## WORK ORDER:
For the string "Facing", search the entries below and copy every line where it appears.

## Records drawn from a dataset:
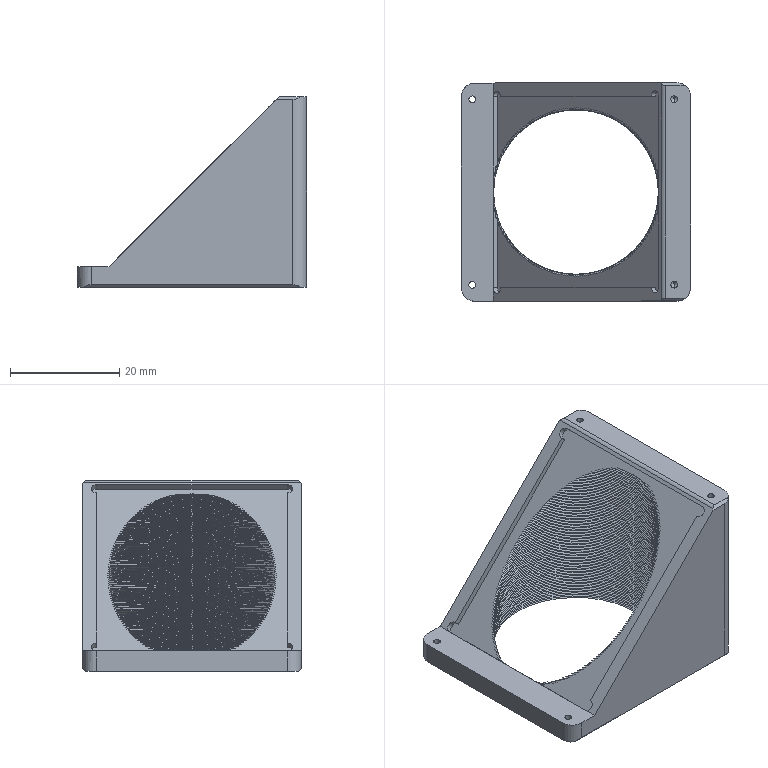CAM job | Mastercam | mm | 27 operations | part box 42 x 40 x 35
1. Facing | 24 - 80 平铣刀
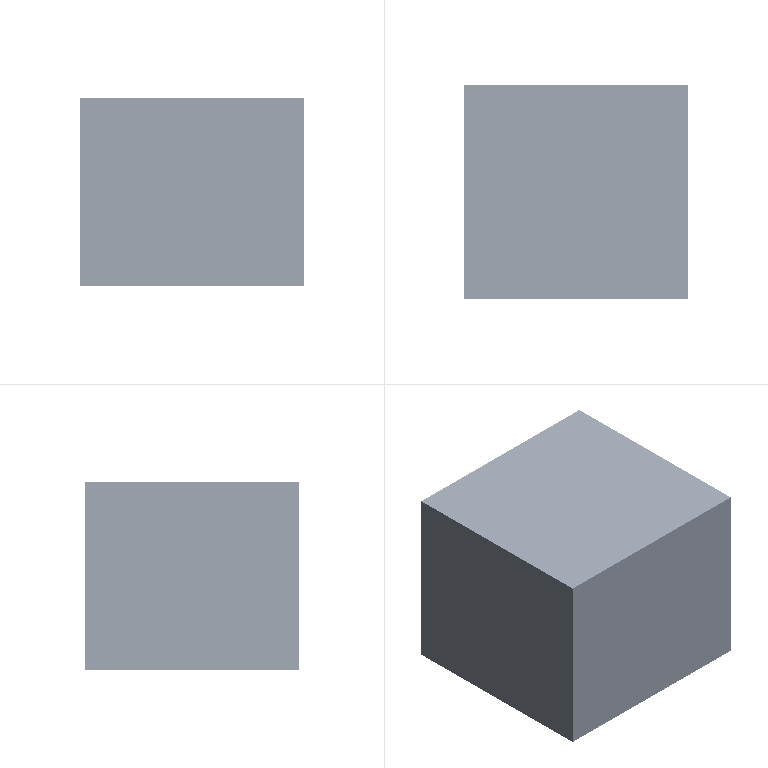2. Drill/Counterbore | 1 - 6 倒角刀
3. Peck Drill | 20 - 1.25 钻头
4. 3D High Speed (Dynamic OptiRough) | 8 - 8C
5. Contour (2D) | 9 - 8J
6. Contour (2D) | 9 - 8J
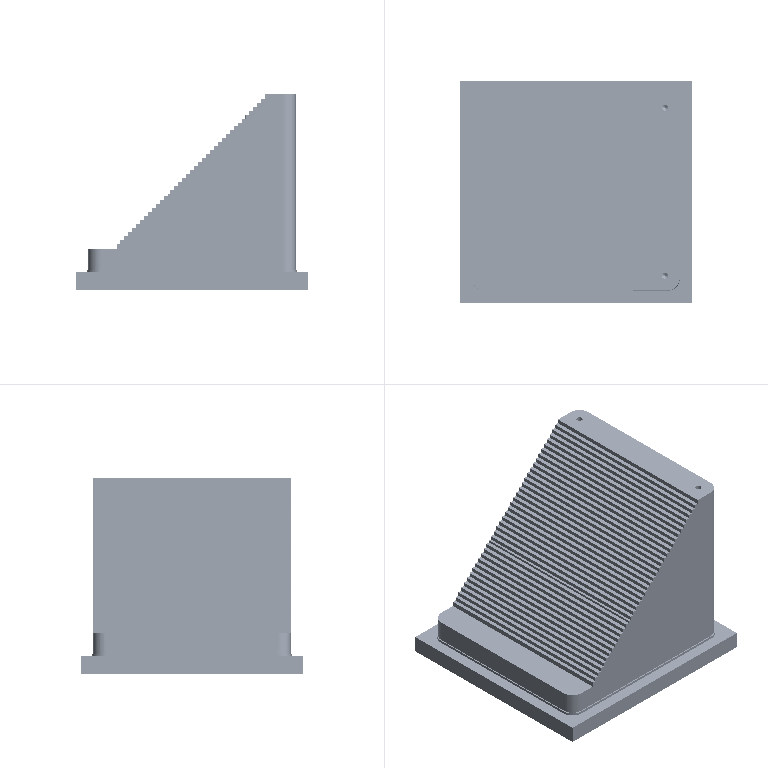7. Contour (2D chamfer) | 1 - 6 倒角刀
8. Surface Finish Flowline | 17 - 4 圆鼻铣刀
9. Facing | 24 - 80 平铣刀
10. Facing | 24 - 80 平铣刀
11. 3D High Speed (Dynamic OptiRough) | 8 - 8C
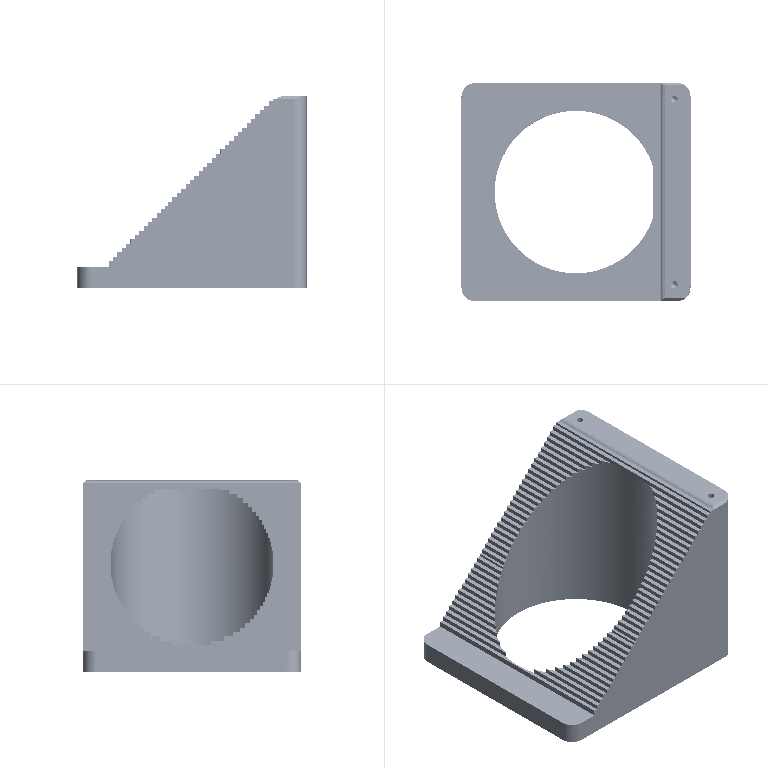12. Contour (2D) | 9 - 8J
13. Contour (Remachining) | 4 - 4C
14. Contour (2D) | 5 - 4J
15. Contour (Remachining) | 3 - 2J
16. Drill/Counterbore | 1 - 6 倒角刀
17. Peck Drill | 20 - 1.25 钻头
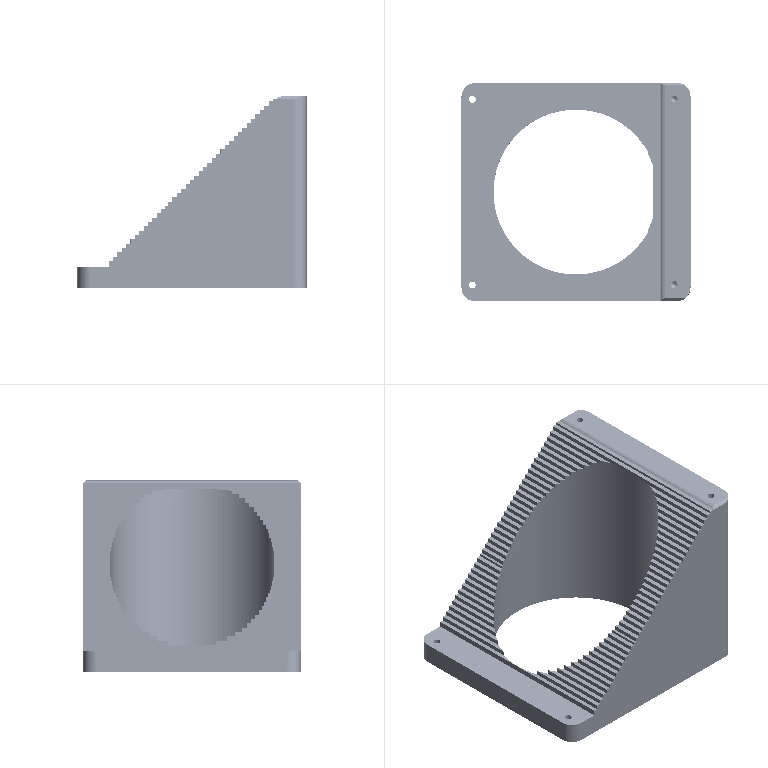18. Contour (2D chamfer) | 1 - 6 倒角刀
19. Contour (2D chamfer) | 1 - 6 倒角刀
20. Chamfer Drill | 1 - 6 倒角刀
21. Contour (2D) | 2 - 4.75 螺纹铣刀
22. Contour (2D) | 9 - 8J
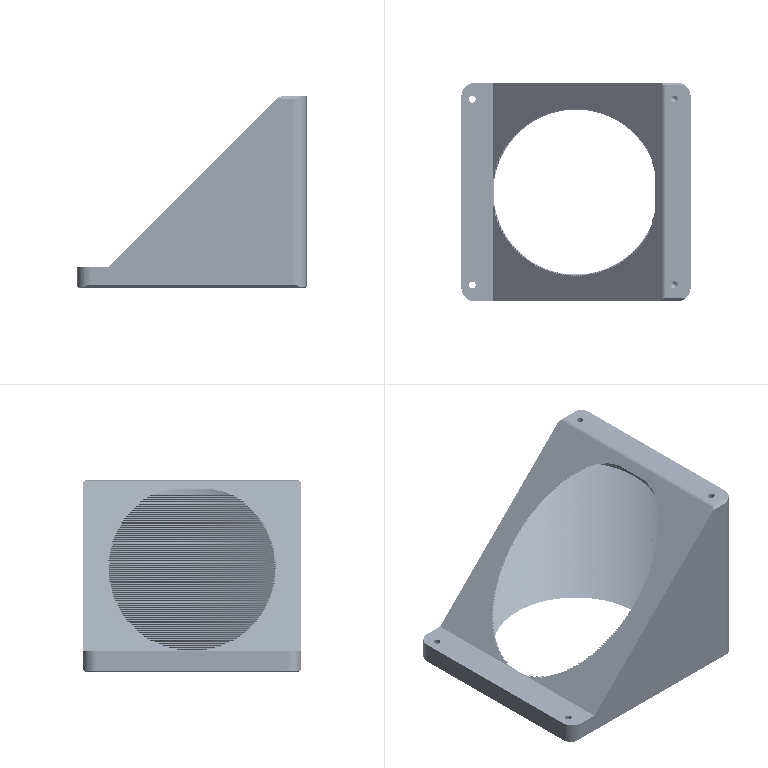23. 2D High Speed (2D Dynamic Mill) | 8 - 8C
24. Contour (Remachining) | 4 - 4C
25. 2D High Speed (2D Area Mill) | 5 - 4J
26. Contour (2D) | 5 - 4J
27. Contour (Remachining) | 3 - 2J

## REPLY:
1. Facing | 24 - 80 平铣刀
9. Facing | 24 - 80 平铣刀
10. Facing | 24 - 80 平铣刀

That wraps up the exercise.